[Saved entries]
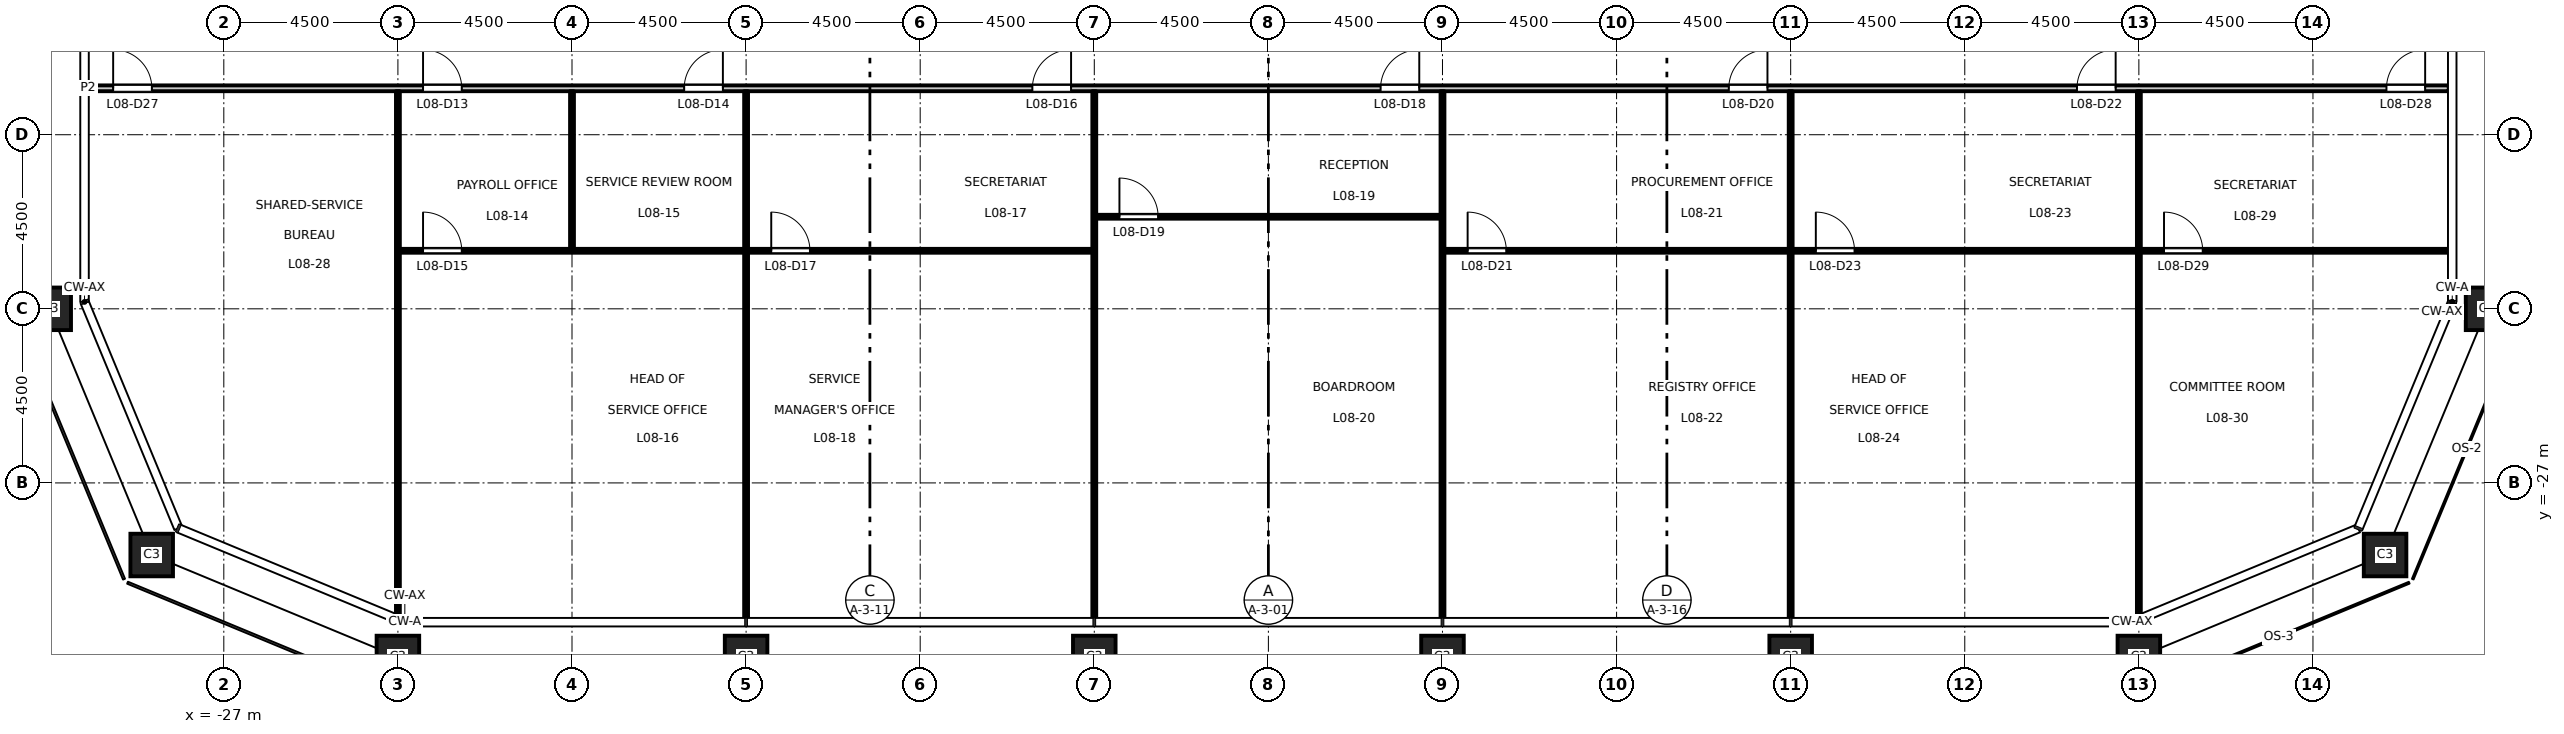
"""IFC4 building model, lengths in metres.
Left out: names, types, materials, properties, quantities, classifications, styles, units other than length and angle.
Written with IfcOpenShell. Run it as: python <this file> out.ifc"""

import sys

from ifc_helpers import new_model, si_unit, direction, frame, frame_2d, origin, origin_2d, place, context, subcontext, project, spatial, rectangle, hollow_rectangle, extrude, element, fill, save


model = new_model("IFC4")
c1 = context("Model", 3, precision=1e-05, world=origin(), true_north=direction((0.0, 1.0)))
c2 = subcontext(c1, "Body", "Model", "MODEL_VIEW")
j1 = project(units=[si_unit("LENGTHUNIT", "METRE"), si_unit("PLANEANGLEUNIT", "RADIAN")], contexts=[c1])
p1 = place(None, origin())
s1 = spatial("IfcSite", under=j1, at=p1, CompositionType="ELEMENT")
p2 = place(p1, origin())
s2 = spatial("IfcBuilding", under=s1, at=p2, CompositionType="ELEMENT")
p3 = place(p2, frame((0.0, 0.0, 40.2)))
s3 = spatial("IfcBuildingStorey", under=s2, at=p3, CompositionType="ELEMENT", Elevation=40.2)
for number, where, z_axis, x_axis in (
    (1, (-22.5, -31.5, 0.0), (0.0, 0.0, 1.0), (1.0, 0.0, 0.0)),
    (2, (-13.5, -31.5, 0.0), (0.0, 0.0, 1.0), (1.0, 0.0, 0.0)),
    (3, (-4.5, -31.5, 0.0), (0.0, 0.0, 1.0), (1.0, 0.0, 0.0)),
    (4, (4.5, -31.5, 0.0), (0.0, 0.0, 1.0), (1.0, 0.0, 0.0)),
    (5, (13.5, -31.5, 0.0), (0.0, 0.0, 1.0), (1.0, 0.0, 0.0)),
    (6, (22.5, -31.5, 0.0), (0.0, 0.0, 1.0), (1.0, 0.0, 0.0)),
    (7, (28.864, -28.864, 0.0), (0.0, 0.0, 1.0), (1.0, 0.0, 0.0)),
    (8, (31.5, -22.5, 0.0), (0.0, 0.0, 1.0), (1.0, 0.0, 0.0)),
    (9, (-31.5, -22.5, 0.0), (0.0, 0.0, 1.0), (1.0, 0.0, 0.0)),
    (10, (-28.864, -28.864, 0.0), (0.0, 0.0, 1.0), (1.0, 0.0, 0.0)),
):
    element("IfcColumn", number, at=place(p3, frame(where, z_axis=z_axis, x_axis=x_axis)), inside=s3, PredefinedType="COLUMN", context=c2, shape_type="SweptSolid", body=[
        extrude(hollow_rectangle(XDim=1.1, YDim=1.1, WallThickness=0.07, at=origin_2d()), origin(), (0.0, 0.0, 1.0), 4.5),
    ])
p4 = place(p3, frame((-22.45, -21.0, 0.0), z_axis=(0.0, 0.0, 1.0), x_axis=(1.0, 0.0, 0.0)))
e11 = element("IfcWall", 11, at=p4, inside=s3, PredefinedType="PARTITIONING", context=c2, shape_type="SweptSolid", body=[
    extrude(rectangle(XDim=17.9, YDim=0.1, at=frame_2d((8.95, 0.0))), origin(), (0.0, 0.0, 1.0), 4.35),
])
p5 = place(p4, frame((0.6, 0.0, 0.0)))
e12 = element("IfcOpeningElement", 12, at=p5, cuts=e11, PredefinedType="OPENING", context=c2, shape_type="SweptSolid", body=[
    extrude(rectangle(XDim=1.0, YDim=2.1, at=frame_2d((0.5, 1.05))), frame((0.0, 0.06, 0.0), z_axis=(0.0, -1.0, 0.0), x_axis=(1.0, 0.0, 0.0)), (0.0, 0.0, 1.0), 0.12),
])
p6 = place(p4, frame((9.6, 0.0, 0.0)))
e13 = element("IfcOpeningElement", 13, at=p6, cuts=e11, PredefinedType="OPENING", context=c2, shape_type="SweptSolid", body=[
    extrude(rectangle(XDim=1.0, YDim=2.1, at=frame_2d((0.5, 1.05))), frame((0.0, 0.06, 0.0), z_axis=(0.0, -1.0, 0.0), x_axis=(1.0, 0.0, 0.0)), (0.0, 0.0, 1.0), 0.12),
])
p7 = place(p3, frame((4.55, -21.0, 0.0), z_axis=(0.0, 0.0, 1.0), x_axis=(1.0, 0.0, 0.0)))
e14 = element("IfcWall", 14, at=p7, inside=s3, PredefinedType="PARTITIONING", context=c2, shape_type="SweptSolid", body=[
    extrude(rectangle(XDim=25.96, YDim=0.1, at=frame_2d((12.98, 0.0))), origin(), (0.0, 0.0, 1.0), 4.35),
])
p8 = place(p7, frame((0.6, 0.0, 0.0)))
e15 = element("IfcOpeningElement", 15, at=p8, cuts=e14, PredefinedType="OPENING", context=c2, shape_type="SweptSolid", body=[
    extrude(rectangle(XDim=1.0, YDim=2.1, at=frame_2d((0.5, 1.05))), frame((0.0, 0.06, 0.0), z_axis=(0.0, -1.0, 0.0), x_axis=(1.0, 0.0, 0.0)), (0.0, 0.0, 1.0), 0.12),
])
p9 = place(p7, frame((9.6, 0.0, 0.0)))
e16 = element("IfcOpeningElement", 16, at=p9, cuts=e14, PredefinedType="OPENING", context=c2, shape_type="SweptSolid", body=[
    extrude(rectangle(XDim=1.0, YDim=2.1, at=frame_2d((0.5, 1.05))), frame((0.0, 0.06, 0.0), z_axis=(0.0, -1.0, 0.0), x_axis=(1.0, 0.0, 0.0)), (0.0, 0.0, 1.0), 0.12),
])
p10 = place(p7, frame((18.6, 0.0, 0.0)))
e17 = element("IfcOpeningElement", 17, at=p10, cuts=e14, PredefinedType="OPENING", context=c2, shape_type="SweptSolid", body=[
    extrude(rectangle(XDim=1.0, YDim=2.1, at=frame_2d((0.5, 1.05))), frame((0.0, 0.06, 0.0), z_axis=(0.0, -1.0, 0.0), x_axis=(1.0, 0.0, 0.0)), (0.0, 0.0, 1.0), 0.12),
])
p11 = place(p3, frame((-4.45, -20.12, 0.0), z_axis=(0.0, 0.0, 1.0), x_axis=(1.0, 0.0, 0.0)))
e18 = element("IfcWall", 18, at=p11, inside=s3, PredefinedType="PARTITIONING", context=c2, shape_type="SweptSolid", body=[
    extrude(rectangle(XDim=8.9, YDim=0.1, at=frame_2d((4.45, 0.0))), origin(), (0.0, 0.0, 1.0), 4.35),
])
p12 = place(p11, frame((0.6, 0.0, 0.0)))
e19 = element("IfcOpeningElement", 19, at=p12, cuts=e18, PredefinedType="OPENING", context=c2, shape_type="SweptSolid", body=[
    extrude(rectangle(XDim=1.0, YDim=2.1, at=frame_2d((0.5, 1.05))), frame((0.0, 0.06, 0.0), z_axis=(0.0, -1.0, 0.0), x_axis=(1.0, 0.0, 0.0)), (0.0, 0.0, 1.0), 0.12),
])
p13 = place(p3, frame((-30.51, -16.8, 0.0), z_axis=(0.0, 0.0, 1.0), x_axis=(1.0, 0.0, 0.0)))
e20 = element("IfcWall", 20, at=p13, inside=s3, PredefinedType="PARTITIONING", context=c2, shape_type="SweptSolid", body=[
    extrude(rectangle(XDim=61.02, YDim=0.15, at=frame_2d((30.51, 0.0))), origin(), (0.0, 0.0, 1.0), 4.35),
])
p14 = place(p13, frame((8.66, 0.0, 0.0)))
e21 = element("IfcOpeningElement", 21, at=p14, cuts=e20, PredefinedType="OPENING", context=c2, shape_type="SweptSolid", body=[
    extrude(rectangle(XDim=1.0, YDim=2.1, at=frame_2d((0.5, 1.05))), frame((0.0, 0.085, 0.0), z_axis=(0.0, -1.0, 0.0), x_axis=(1.0, 0.0, 0.0)), (0.0, 0.0, 1.0), 0.17),
])
p15 = place(p13, frame((15.41, 0.0, 0.0)))
e22 = element("IfcOpeningElement", 22, at=p15, cuts=e20, PredefinedType="OPENING", context=c2, shape_type="SweptSolid", body=[
    extrude(rectangle(XDim=1.0, YDim=2.1, at=frame_2d((0.5, 1.05))), frame((0.0, 0.085, 0.0), z_axis=(0.0, -1.0, 0.0), x_axis=(1.0, 0.0, 0.0)), (0.0, 0.0, 1.0), 0.17),
])
p16 = place(p13, frame((24.41, 0.0, 0.0)))
e23 = element("IfcOpeningElement", 23, at=p16, cuts=e20, PredefinedType="OPENING", context=c2, shape_type="SweptSolid", body=[
    extrude(rectangle(XDim=1.0, YDim=2.1, at=frame_2d((0.5, 1.05))), frame((0.0, 0.085, 0.0), z_axis=(0.0, -1.0, 0.0), x_axis=(1.0, 0.0, 0.0)), (0.0, 0.0, 1.0), 0.17),
])
p17 = place(p13, frame((33.41, 0.0, 0.0)))
e24 = element("IfcOpeningElement", 24, at=p17, cuts=e20, PredefinedType="OPENING", context=c2, shape_type="SweptSolid", body=[
    extrude(rectangle(XDim=1.0, YDim=2.1, at=frame_2d((0.5, 1.05))), frame((0.0, 0.085, 0.0), z_axis=(0.0, -1.0, 0.0), x_axis=(1.0, 0.0, 0.0)), (0.0, 0.0, 1.0), 0.17),
])
p18 = place(p13, frame((42.41, 0.0, 0.0)))
e25 = element("IfcOpeningElement", 25, at=p18, cuts=e20, PredefinedType="OPENING", context=c2, shape_type="SweptSolid", body=[
    extrude(rectangle(XDim=1.0, YDim=2.1, at=frame_2d((0.5, 1.05))), frame((0.0, 0.085, 0.0), z_axis=(0.0, -1.0, 0.0), x_axis=(1.0, 0.0, 0.0)), (0.0, 0.0, 1.0), 0.17),
])
p19 = place(p13, frame((51.41, 0.0, 0.0)))
e26 = element("IfcOpeningElement", 26, at=p19, cuts=e20, PredefinedType="OPENING", context=c2, shape_type="SweptSolid", body=[
    extrude(rectangle(XDim=1.0, YDim=2.1, at=frame_2d((0.5, 1.05))), frame((0.0, 0.085, 0.0), z_axis=(0.0, -1.0, 0.0), x_axis=(1.0, 0.0, 0.0)), (0.0, 0.0, 1.0), 0.17),
])
p20 = place(p13, frame((0.65, 0.0, 0.0)))
e27 = element("IfcOpeningElement", 27, at=p20, cuts=e20, PredefinedType="OPENING", context=c2, shape_type="SweptSolid", body=[
    extrude(rectangle(XDim=1.0, YDim=2.1, at=frame_2d((0.5, 1.05))), frame((0.0, 0.085, 0.0), z_axis=(0.0, -1.0, 0.0), x_axis=(1.0, 0.0, 0.0)), (0.0, 0.0, 1.0), 0.17),
])
p21 = place(p13, frame((59.41, 0.0, 0.0)))
e28 = element("IfcOpeningElement", 28, at=p21, cuts=e20, PredefinedType="OPENING", context=c2, shape_type="SweptSolid", body=[
    extrude(rectangle(XDim=1.0, YDim=2.1, at=frame_2d((0.5, 1.05))), frame((0.0, 0.085, 0.0), z_axis=(0.0, -1.0, 0.0), x_axis=(1.0, 0.0, 0.0)), (0.0, 0.0, 1.0), 0.17),
])
p22 = place(p3, frame((-22.5, -30.428, 0.0), z_axis=(0.0, 0.0, 1.0), x_axis=(0.0, 1.0, 0.0)))
e29 = element("IfcWall", 29, at=p22, inside=s3, PredefinedType="PARTITIONING", context=c2, shape_type="SweptSolid", body=[
    extrude(rectangle(XDim=13.553, YDim=0.1, at=frame_2d((6.776, 0.0))), origin(), (0.0, 0.0, 1.0), 3.35),
])
p23 = place(p3, frame((-18.0, -20.95, 0.0), z_axis=(0.0, 0.0, 1.0), x_axis=(0.0, 1.0, 0.0)))
e30 = element("IfcWall", 30, at=p23, inside=s3, PredefinedType="PARTITIONING", context=c2, shape_type="SweptSolid", body=[
    extrude(rectangle(XDim=4.075, YDim=0.1, at=frame_2d((2.038, 0.0))), origin(), (0.0, 0.0, 1.0), 4.35),
])
p24 = place(p3, frame((-13.5, -30.51, 0.0), z_axis=(0.0, 0.0, 1.0), x_axis=(0.0, 1.0, 0.0)))
e31 = element("IfcWall", 31, at=p24, inside=s3, PredefinedType="PARTITIONING", context=c2, shape_type="SweptSolid", body=[
    extrude(rectangle(XDim=9.46, YDim=0.1, at=frame_2d((4.73, 0.0))), origin(), (0.0, 0.0, 1.0), 3.35),
])
p25 = place(p3, frame((-13.5, -20.95, 0.0), z_axis=(0.0, 0.0, 1.0), x_axis=(0.0, 1.0, 0.0)))
e32 = element("IfcWall", 32, at=p25, inside=s3, PredefinedType="PARTITIONING", context=c2, shape_type="SweptSolid", body=[
    extrude(rectangle(XDim=4.075, YDim=0.1, at=frame_2d((2.038, 0.0))), origin(), (0.0, 0.0, 1.0), 3.35),
])
for number, where, z_axis, x_axis in (
    (33, (-4.5, -30.51, 0.0), (0.0, 0.0, 1.0), (0.0, 1.0, 0.0)),
    (34, (4.5, -30.51, 0.0), (0.0, 0.0, 1.0), (0.0, 1.0, 0.0)),
):
    element("IfcWall", number, at=place(p3, frame(where, z_axis=z_axis, x_axis=x_axis)), inside=s3, PredefinedType="PARTITIONING", context=c2, shape_type="SweptSolid", body=[
        extrude(rectangle(XDim=13.635, YDim=0.1, at=frame_2d((6.817, 0.0))), origin(), (0.0, 0.0, 1.0), 3.35),
    ])
p26 = place(p3, frame((13.5, -30.51, 0.0), z_axis=(0.0, 0.0, 1.0), x_axis=(0.0, 1.0, 0.0)))
e35 = element("IfcWall", 35, at=p26, inside=s3, PredefinedType="PARTITIONING", context=c2, shape_type="SweptSolid", body=[
    extrude(rectangle(XDim=9.46, YDim=0.1, at=frame_2d((4.73, 0.0))), origin(), (0.0, 0.0, 1.0), 3.35),
])
p27 = place(p3, frame((13.5, -20.95, 0.0), z_axis=(0.0, 0.0, 1.0), x_axis=(0.0, 1.0, 0.0)))
e36 = element("IfcWall", 36, at=p27, inside=s3, PredefinedType="PARTITIONING", context=c2, shape_type="SweptSolid", body=[
    extrude(rectangle(XDim=4.075, YDim=0.1, at=frame_2d((2.038, 0.0))), origin(), (0.0, 0.0, 1.0), 3.35),
])
p28 = place(p3, frame((22.5, -30.428, 0.0), z_axis=(0.0, 0.0, 1.0), x_axis=(0.0, 1.0, 0.0)))
e37 = element("IfcWall", 37, at=p28, inside=s3, PredefinedType="PARTITIONING", context=c2, shape_type="SweptSolid", body=[
    extrude(rectangle(XDim=9.378, YDim=0.1, at=frame_2d((4.689, 0.0))), origin(), (0.0, 0.0, 1.0), 3.35),
])
p29 = place(p3, frame((22.5, -20.95, 0.0), z_axis=(0.0, 0.0, 1.0), x_axis=(0.0, 1.0, 0.0)))
e38 = element("IfcWall", 38, at=p29, inside=s3, PredefinedType="PARTITIONING", context=c2, shape_type="SweptSolid", body=[
    extrude(rectangle(XDim=4.075, YDim=0.1, at=frame_2d((2.038, 0.0))), origin(), (0.0, 0.0, 1.0), 3.35),
])
p30 = place(p14, origin())
e39 = element("IfcDoor", 39, at=p30, inside=s3, OperationType="SINGLE_SWING_LEFT", PredefinedType="DOOR", context=c2, shape_type="SweptSolid", body=[
    extrude(rectangle(XDim=1.0, YDim=2.1, at=frame_2d((0.5, 1.05))), frame((0.0, 0.025, 0.0), z_axis=(0.0, -1.0, 0.0), x_axis=(1.0, 0.0, 0.0)), (0.0, 0.0, 1.0), 0.05),
])
fill(e21, e39)
p31 = place(p15, origin())
e40 = element("IfcDoor", 40, at=p31, inside=s3, OperationType="SINGLE_SWING_RIGHT", PredefinedType="DOOR", context=c2, shape_type="SweptSolid", body=[
    extrude(rectangle(XDim=1.0, YDim=2.1, at=frame_2d((0.5, 1.05))), frame((0.0, 0.025, 0.0), z_axis=(0.0, -1.0, 0.0), x_axis=(1.0, 0.0, 0.0)), (0.0, 0.0, 1.0), 0.05),
])
fill(e22, e40)
p32 = place(p5, origin())
e41 = element("IfcDoor", 41, at=p32, inside=s3, OperationType="SINGLE_SWING_LEFT", PredefinedType="DOOR", context=c2, shape_type="SweptSolid", body=[
    extrude(rectangle(XDim=1.0, YDim=2.1, at=frame_2d((0.5, 1.05))), frame((0.0, 0.025, 0.0), z_axis=(0.0, -1.0, 0.0), x_axis=(1.0, 0.0, 0.0)), (0.0, 0.0, 1.0), 0.05),
])
fill(e12, e41)
p33 = place(p16, origin())
e42 = element("IfcDoor", 42, at=p33, inside=s3, OperationType="SINGLE_SWING_RIGHT", PredefinedType="DOOR", context=c2, shape_type="SweptSolid", body=[
    extrude(rectangle(XDim=1.0, YDim=2.1, at=frame_2d((0.5, 1.05))), frame((0.0, 0.025, 0.0), z_axis=(0.0, -1.0, 0.0), x_axis=(1.0, 0.0, 0.0)), (0.0, 0.0, 1.0), 0.05),
])
fill(e23, e42)
p34 = place(p6, origin())
e43 = element("IfcDoor", 43, at=p34, inside=s3, OperationType="SINGLE_SWING_LEFT", PredefinedType="DOOR", context=c2, shape_type="SweptSolid", body=[
    extrude(rectangle(XDim=1.0, YDim=2.1, at=frame_2d((0.5, 1.05))), frame((0.0, 0.025, 0.0), z_axis=(0.0, -1.0, 0.0), x_axis=(1.0, 0.0, 0.0)), (0.0, 0.0, 1.0), 0.05),
])
fill(e13, e43)
p35 = place(p17, origin())
e44 = element("IfcDoor", 44, at=p35, inside=s3, OperationType="SINGLE_SWING_RIGHT", PredefinedType="DOOR", context=c2, shape_type="SweptSolid", body=[
    extrude(rectangle(XDim=1.0, YDim=2.1, at=frame_2d((0.5, 1.05))), frame((0.0, 0.025, 0.0), z_axis=(0.0, -1.0, 0.0), x_axis=(1.0, 0.0, 0.0)), (0.0, 0.0, 1.0), 0.05),
])
fill(e24, e44)
p36 = place(p12, origin())
e45 = element("IfcDoor", 45, at=p36, inside=s3, OperationType="SINGLE_SWING_LEFT", PredefinedType="DOOR", context=c2, shape_type="SweptSolid", body=[
    extrude(rectangle(XDim=1.0, YDim=2.1, at=frame_2d((0.5, 1.05))), frame((0.0, 0.025, 0.0), z_axis=(0.0, -1.0, 0.0), x_axis=(1.0, 0.0, 0.0)), (0.0, 0.0, 1.0), 0.05),
])
fill(e19, e45)
p37 = place(p18, origin())
e46 = element("IfcDoor", 46, at=p37, inside=s3, OperationType="SINGLE_SWING_RIGHT", PredefinedType="DOOR", context=c2, shape_type="SweptSolid", body=[
    extrude(rectangle(XDim=1.0, YDim=2.1, at=frame_2d((0.5, 1.05))), frame((0.0, 0.025, 0.0), z_axis=(0.0, -1.0, 0.0), x_axis=(1.0, 0.0, 0.0)), (0.0, 0.0, 1.0), 0.05),
])
fill(e25, e46)
p38 = place(p8, origin())
e47 = element("IfcDoor", 47, at=p38, inside=s3, OperationType="SINGLE_SWING_LEFT", PredefinedType="DOOR", context=c2, shape_type="SweptSolid", body=[
    extrude(rectangle(XDim=1.0, YDim=2.1, at=frame_2d((0.5, 1.05))), frame((0.0, 0.025, 0.0), z_axis=(0.0, -1.0, 0.0), x_axis=(1.0, 0.0, 0.0)), (0.0, 0.0, 1.0), 0.05),
])
fill(e15, e47)
p39 = place(p19, origin())
e48 = element("IfcDoor", 48, at=p39, inside=s3, OperationType="SINGLE_SWING_RIGHT", PredefinedType="DOOR", context=c2, shape_type="SweptSolid", body=[
    extrude(rectangle(XDim=1.0, YDim=2.1, at=frame_2d((0.5, 1.05))), frame((0.0, 0.025, 0.0), z_axis=(0.0, -1.0, 0.0), x_axis=(1.0, 0.0, 0.0)), (0.0, 0.0, 1.0), 0.05),
])
fill(e26, e48)
p40 = place(p9, origin())
e49 = element("IfcDoor", 49, at=p40, inside=s3, OperationType="SINGLE_SWING_LEFT", PredefinedType="DOOR", context=c2, shape_type="SweptSolid", body=[
    extrude(rectangle(XDim=1.0, YDim=2.1, at=frame_2d((0.5, 1.05))), frame((0.0, 0.025, 0.0), z_axis=(0.0, -1.0, 0.0), x_axis=(1.0, 0.0, 0.0)), (0.0, 0.0, 1.0), 0.05),
])
fill(e16, e49)
p41 = place(p20, origin())
e50 = element("IfcDoor", 50, at=p41, inside=s3, OperationType="SINGLE_SWING_LEFT", PredefinedType="DOOR", context=c2, shape_type="SweptSolid", body=[
    extrude(rectangle(XDim=1.0, YDim=2.1, at=frame_2d((0.5, 1.05))), frame((0.0, 0.025, 0.0), z_axis=(0.0, -1.0, 0.0), x_axis=(1.0, 0.0, 0.0)), (0.0, 0.0, 1.0), 0.05),
])
fill(e27, e50)
p42 = place(p21, origin())
e51 = element("IfcDoor", 51, at=p42, inside=s3, OperationType="SINGLE_SWING_RIGHT", PredefinedType="DOOR", context=c2, shape_type="SweptSolid", body=[
    extrude(rectangle(XDim=1.0, YDim=2.1, at=frame_2d((0.5, 1.05))), frame((0.0, 0.025, 0.0), z_axis=(0.0, -1.0, 0.0), x_axis=(1.0, 0.0, 0.0)), (0.0, 0.0, 1.0), 0.05),
])
fill(e28, e51)
p43 = place(p10, origin())
e52 = element("IfcDoor", 52, at=p43, inside=s3, OperationType="SINGLE_SWING_LEFT", PredefinedType="DOOR", context=c2, shape_type="SweptSolid", body=[
    extrude(rectangle(XDim=1.0, YDim=2.1, at=frame_2d((0.5, 1.05))), frame((0.0, 0.025, 0.0), z_axis=(0.0, -1.0, 0.0), x_axis=(1.0, 0.0, 0.0)), (0.0, 0.0, 1.0), 0.05),
])
fill(e17, e52)
save(model, sys.argv[1])

### ASSIGNED TASK
Only a number is needed here: the count of lines above that hold the string "where".

### TASK SOLUTION
4